- _Goal of the exercise_
For the records below, tally the lines that contain "IfcDoor" and give only that number.

- _Extracted data_
---------------
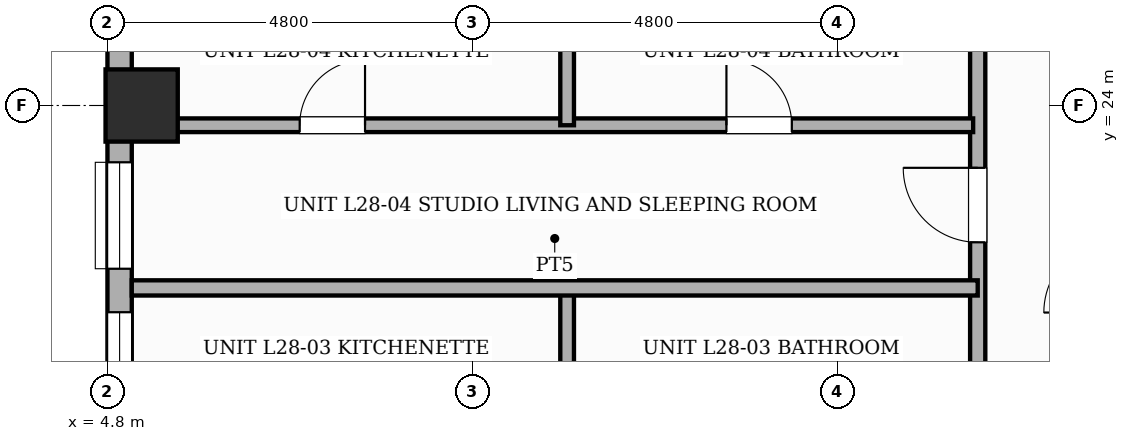
"""IFC4 building model, lengths in metres.
Left out: names, types, materials, properties, quantities, classifications, styles, units other than length and angle.
Written with IfcOpenShell. Run it as: python <this file> out.ifc"""

import sys

from ifc_helpers import new_model, si_unit, direction, frame, frame_2d, origin, origin_2d, place, context, subcontext, project, spatial, rectangle, extrude, element, fill, save


model = new_model("IFC4")
c1 = context("Model", 3, precision=1e-05, world=origin(), true_north=direction((0.0, 1.0)))
c2 = subcontext(c1, "Body", "Model", "MODEL_VIEW")
j1 = project(units=[si_unit("LENGTHUNIT", "METRE"), si_unit("PLANEANGLEUNIT", "RADIAN")], contexts=[c1])
p1 = place(None, origin())
s1 = spatial("IfcSite", under=j1, at=p1, CompositionType="ELEMENT")
p2 = place(p1, origin())
s2 = spatial("IfcBuilding", under=s1, at=p2, CompositionType="ELEMENT")
p3 = place(p2, frame((0.0, 0.0, 110.8)))
s3 = spatial("IfcBuildingStorey", under=s2, at=p3, CompositionType="ELEMENT", Elevation=110.8)
p4 = place(p3, frame((5.25, 24.0, 0.0), z_axis=(0.0, 0.0, 1.0), x_axis=(1.0, 0.0, 0.0)))
e1 = element("IfcColumn", 1, at=p4, inside=s3, PredefinedType="COLUMN", context=c2, shape_type="SweptSolid", body=[
    extrude(rectangle(XDim=0.95, YDim=0.95, at=origin_2d()), origin(), (0.0, 0.0, 1.0), 3.6),
])
p5 = place(p3, frame((4.96, 12.0, 0.0), z_axis=(0.0, 0.0, 1.0), x_axis=(0.0, 1.0, 0.0)))
e2 = element("IfcWall", 2, at=p5, inside=s3, PredefinedType="STANDARD", context=c2, shape_type="SweptSolid", body=[
    extrude(rectangle(XDim=33.6, YDim=0.32, at=frame_2d((16.8, 0.0))), origin(), (0.0, 0.0, 1.0), 2.54),
])
p6 = place(p5, frame((4.25, 0.0, 0.0)))
e3 = element("IfcOpeningElement", 3, at=p6, cuts=e2, PredefinedType="OPENING", context=c2, shape_type="SweptSolid", body=[
    extrude(rectangle(XDim=1.1, YDim=2.15, at=frame_2d((0.55, 1.075))), frame((0.0, 0.17, 0.0), z_axis=(0.0, -1.0, 0.0), x_axis=(1.0, 0.0, 0.0)), (0.0, 0.0, 1.0), 0.34),
])
p7 = place(p5, frame((3.153, 0.0, 0.45)))
e4 = element("IfcOpeningElement", 4, at=p7, cuts=e2, PredefinedType="OPENING", context=c2, shape_type="SweptSolid", body=[
    extrude(rectangle(XDim=0.6, YDim=1.8, at=frame_2d((0.3, 0.9))), frame((0.0, 0.17, 0.0), z_axis=(0.0, -1.0, 0.0), x_axis=(1.0, 0.0, 0.0)), (0.0, 0.0, 1.0), 0.34),
])
p8 = place(p5, frame((5.853, 0.0, 0.45)))
e5 = element("IfcOpeningElement", 5, at=p8, cuts=e2, PredefinedType="OPENING", context=c2, shape_type="SweptSolid", body=[
    extrude(rectangle(XDim=0.6, YDim=1.8, at=frame_2d((0.3, 0.9))), frame((0.0, 0.17, 0.0), z_axis=(0.0, -1.0, 0.0), x_axis=(1.0, 0.0, 0.0)), (0.0, 0.0, 1.0), 0.34),
])
p9 = place(p5, frame((9.853, 0.0, 0.65)))
e6 = element("IfcOpeningElement", 6, at=p9, cuts=e2, PredefinedType="OPENING", context=c2, shape_type="SweptSolid", body=[
    extrude(rectangle(XDim=1.4, YDim=1.1, at=frame_2d((0.7, 0.55))), frame((0.0, 0.17, 0.0), z_axis=(0.0, -1.0, 0.0), x_axis=(1.0, 0.0, 0.0)), (0.0, 0.0, 1.0), 0.34),
])
p10 = place(p5, frame((0.355, 0.0, 0.45)))
e7 = element("IfcOpeningElement", 7, at=p10, cuts=e2, PredefinedType="OPENING", context=c2, shape_type="SweptSolid", body=[
    extrude(rectangle(XDim=0.95, YDim=1.8, at=frame_2d((0.475, 0.9))), frame((0.0, 0.17, 0.0), z_axis=(0.0, -1.0, 0.0), x_axis=(1.0, 0.0, 0.0)), (0.0, 0.0, 1.0), 0.34),
])
p11 = place(p5, frame((8.33, 0.0, 0.45)))
e8 = element("IfcOpeningElement", 8, at=p11, cuts=e2, PredefinedType="OPENING", context=c2, shape_type="SweptSolid", body=[
    extrude(rectangle(XDim=0.95, YDim=1.8, at=frame_2d((0.475, 0.9))), frame((0.0, 0.17, 0.0), z_axis=(0.0, -1.0, 0.0), x_axis=(1.0, 0.0, 0.0)), (0.0, 0.0, 1.0), 0.34),
])
p12 = place(p5, frame((12.732, 0.0, 0.45)))
e9 = element("IfcOpeningElement", 9, at=p12, cuts=e2, PredefinedType="OPENING", context=c2, shape_type="SweptSolid", body=[
    extrude(rectangle(XDim=0.75, YDim=1.8, at=frame_2d((0.375, 0.9))), frame((0.0, 0.17, 0.0), z_axis=(0.0, -1.0, 0.0), x_axis=(1.0, 0.0, 0.0)), (0.0, 0.0, 1.0), 0.34),
])
p13 = place(p5, frame((14.558, 0.0, 0.65)))
e10 = element("IfcOpeningElement", 10, at=p13, cuts=e2, PredefinedType="OPENING", context=c2, shape_type="SweptSolid", body=[
    extrude(rectangle(XDim=1.4, YDim=1.1, at=frame_2d((0.7, 0.55))), frame((0.0, 0.17, 0.0), z_axis=(0.0, -1.0, 0.0), x_axis=(1.0, 0.0, 0.0)), (0.0, 0.0, 1.0), 0.34),
])
p14 = place(p3, frame((16.25, 9.92, 0.0), z_axis=(0.0, 0.0, 1.0), x_axis=(0.0, 1.0, 0.0)))
e11 = element("IfcWall", 11, at=p14, inside=s3, PredefinedType="PARTITIONING", context=c2, shape_type="SweptSolid", body=[
    extrude(rectangle(XDim=15.83, YDim=0.2, at=frame_2d((7.915, 0.0))), origin(), (0.0, 0.0, 1.0), 3.36),
])
p15 = place(p14, frame((0.835, 0.0, 0.0)))
e12 = element("IfcOpeningElement", 12, at=p15, cuts=e11, PredefinedType="OPENING", context=c2, shape_type="SweptSolid", body=[
    extrude(rectangle(XDim=0.98, YDim=2.18, at=frame_2d((0.49, 1.09))), frame((0.0, 0.11, 0.0), z_axis=(0.0, -1.0, 0.0), x_axis=(1.0, 0.0, 0.0)), (0.0, 0.0, 1.0), 0.22),
])
p16 = place(p14, frame((4.415, 0.0, 0.0)))
e13 = element("IfcOpeningElement", 13, at=p16, cuts=e11, PredefinedType="OPENING", context=c2, shape_type="SweptSolid", body=[
    extrude(rectangle(XDim=0.98, YDim=2.18, at=frame_2d((0.49, 1.09))), frame((0.0, 0.11, 0.0), z_axis=(0.0, -1.0, 0.0), x_axis=(1.0, 0.0, 0.0)), (0.0, 0.0, 1.0), 0.22),
])
p17 = place(p14, frame((8.415, 0.0, 0.0)))
e14 = element("IfcOpeningElement", 14, at=p17, cuts=e11, PredefinedType="OPENING", context=c2, shape_type="SweptSolid", body=[
    extrude(rectangle(XDim=0.98, YDim=2.18, at=frame_2d((0.49, 1.09))), frame((0.0, 0.11, 0.0), z_axis=(0.0, -1.0, 0.0), x_axis=(1.0, 0.0, 0.0)), (0.0, 0.0, 1.0), 0.22),
])
p18 = place(p14, frame((12.28, 0.0, 0.0)))
e15 = element("IfcOpeningElement", 15, at=p18, cuts=e11, PredefinedType="OPENING", context=c2, shape_type="SweptSolid", body=[
    extrude(rectangle(XDim=0.98, YDim=2.18, at=frame_2d((0.49, 1.09))), frame((0.0, 0.11, 0.0), z_axis=(0.0, -1.0, 0.0), x_axis=(1.0, 0.0, 0.0)), (0.0, 0.0, 1.0), 0.22),
])
p19 = place(p3, frame((10.848, 20.01, 0.0), z_axis=(0.0, 0.0, 1.0), x_axis=(0.0, 1.0, 0.0)))
e16 = element("IfcWall", 16, at=p19, inside=s3, PredefinedType="PLUMBINGWALL", context=c2, shape_type="SweptSolid", body=[
    extrude(rectangle(XDim=1.63, YDim=0.18, at=frame_2d((0.815, 0.0))), origin(), (0.0, 0.0, 1.0), 3.36),
])
p20 = place(p3, frame((5.12, 21.6, 0.0), z_axis=(0.0, 0.0, 1.0), x_axis=(1.0, 0.0, 0.0)))
e17 = element("IfcWall", 17, at=p20, inside=s3, PredefinedType="SOLIDWALL", context=c2, shape_type="SweptSolid", body=[
    extrude(rectangle(XDim=11.13, YDim=0.2, at=frame_2d((5.565, 0.0))), origin(), (0.0, 0.0, 1.0), 3.36),
])
p21 = place(p3, frame((5.12, 23.74, 0.0), z_axis=(0.0, 0.0, 1.0), x_axis=(1.0, 0.0, 0.0)))
e18 = element("IfcWall", 18, at=p21, inside=s3, PredefinedType="PLUMBINGWALL", context=c2, shape_type="SweptSolid", body=[
    extrude(rectangle(XDim=11.07, YDim=0.18, at=frame_2d((5.535, 0.0))), origin(), (0.0, 0.0, 1.0), 2.54),
])
p22 = place(p21, frame((2.209, 0.0, 0.0)))
e19 = element("IfcOpeningElement", 19, at=p22, cuts=e18, PredefinedType="OPENING", context=c2, shape_type="SweptSolid", body=[
    extrude(rectangle(XDim=0.86, YDim=2.1, at=frame_2d((0.43, 1.05))), frame((0.0, 0.1, 0.0), z_axis=(0.0, -1.0, 0.0), x_axis=(1.0, 0.0, 0.0)), (0.0, 0.0, 1.0), 0.2),
])
p23 = place(p21, frame((7.824, 0.0, 0.0)))
e20 = element("IfcOpeningElement", 20, at=p23, cuts=e18, PredefinedType="OPENING", context=c2, shape_type="SweptSolid", body=[
    extrude(rectangle(XDim=0.86, YDim=2.1, at=frame_2d((0.43, 1.05))), frame((0.0, 0.1, 0.0), z_axis=(0.0, -1.0, 0.0), x_axis=(1.0, 0.0, 0.0)), (0.0, 0.0, 1.0), 0.2),
])
p24 = place(p3, frame((10.848, 23.74, 0.0), z_axis=(0.0, 0.0, 1.0), x_axis=(0.0, 1.0, 0.0)))
e21 = element("IfcWall", 21, at=p24, inside=s3, PredefinedType="PLUMBINGWALL", context=c2, shape_type="SweptSolid", body=[
    extrude(rectangle(XDim=1.98, YDim=0.18, at=frame_2d((0.99, 0.0))), origin(), (0.0, 0.0, 1.0), 3.36),
])
p25 = place(p9, origin())
e22 = element("IfcWindow", 22, at=p25, inside=s3, PartitioningType="SINGLE_PANEL", PredefinedType="WINDOW", context=c2, shape_type="SweptSolid", body=[
    extrude(rectangle(XDim=1.4, YDim=1.1, at=frame_2d((0.7, 0.55))), frame((0.0, 0.03, 0.0), z_axis=(0.0, -1.0, 0.0), x_axis=(1.0, 0.0, 0.0)), (0.0, 0.0, 1.0), 0.06),
])
fill(e6, e22)
p26 = place(p11, origin())
e23 = element("IfcWindow", 23, at=p26, inside=s3, PartitioningType="SINGLE_PANEL", PredefinedType="WINDOW", context=c2, shape_type="SweptSolid", body=[
    extrude(rectangle(XDim=0.95, YDim=1.8, at=frame_2d((0.475, 0.9))), frame((0.0, 0.03, 0.0), z_axis=(0.0, -1.0, 0.0), x_axis=(1.0, 0.0, 0.0)), (0.0, 0.0, 1.0), 0.06),
])
fill(e8, e23)
p27 = place(p18, origin())
e24 = element("IfcDoor", 24, at=p27, inside=s3, OperationType="SINGLE_SWING_RIGHT", PredefinedType="DOOR", context=c2, shape_type="SweptSolid", body=[
    extrude(rectangle(XDim=0.98, YDim=2.18, at=frame_2d((0.49, 1.09))), frame((0.0, 0.025, 0.0), z_axis=(0.0, -1.0, 0.0), x_axis=(1.0, 0.0, 0.0)), (0.0, 0.0, 1.0), 0.05),
])
fill(e15, e24)
p28 = place(p22, origin())
e25 = element("IfcDoor", 25, at=p28, inside=s3, OperationType="SINGLE_SWING_RIGHT", PredefinedType="DOOR", context=c2, shape_type="SweptSolid", body=[
    extrude(rectangle(XDim=0.86, YDim=2.1, at=frame_2d((0.43, 1.05))), frame((0.0, 0.025, 0.0), z_axis=(0.0, -1.0, 0.0), x_axis=(1.0, 0.0, 0.0)), (0.0, 0.0, 1.0), 0.05),
])
fill(e19, e25)
p29 = place(p23, origin())
e26 = element("IfcDoor", 26, at=p29, inside=s3, OperationType="SINGLE_SWING_LEFT", PredefinedType="DOOR", context=c2, shape_type="SweptSolid", body=[
    extrude(rectangle(XDim=0.86, YDim=2.1, at=frame_2d((0.43, 1.05))), frame((0.0, 0.025, 0.0), z_axis=(0.0, -1.0, 0.0), x_axis=(1.0, 0.0, 0.0)), (0.0, 0.0, 1.0), 0.05),
])
fill(e20, e26)
save(model, sys.argv[1])
---------------
- _Response box_
3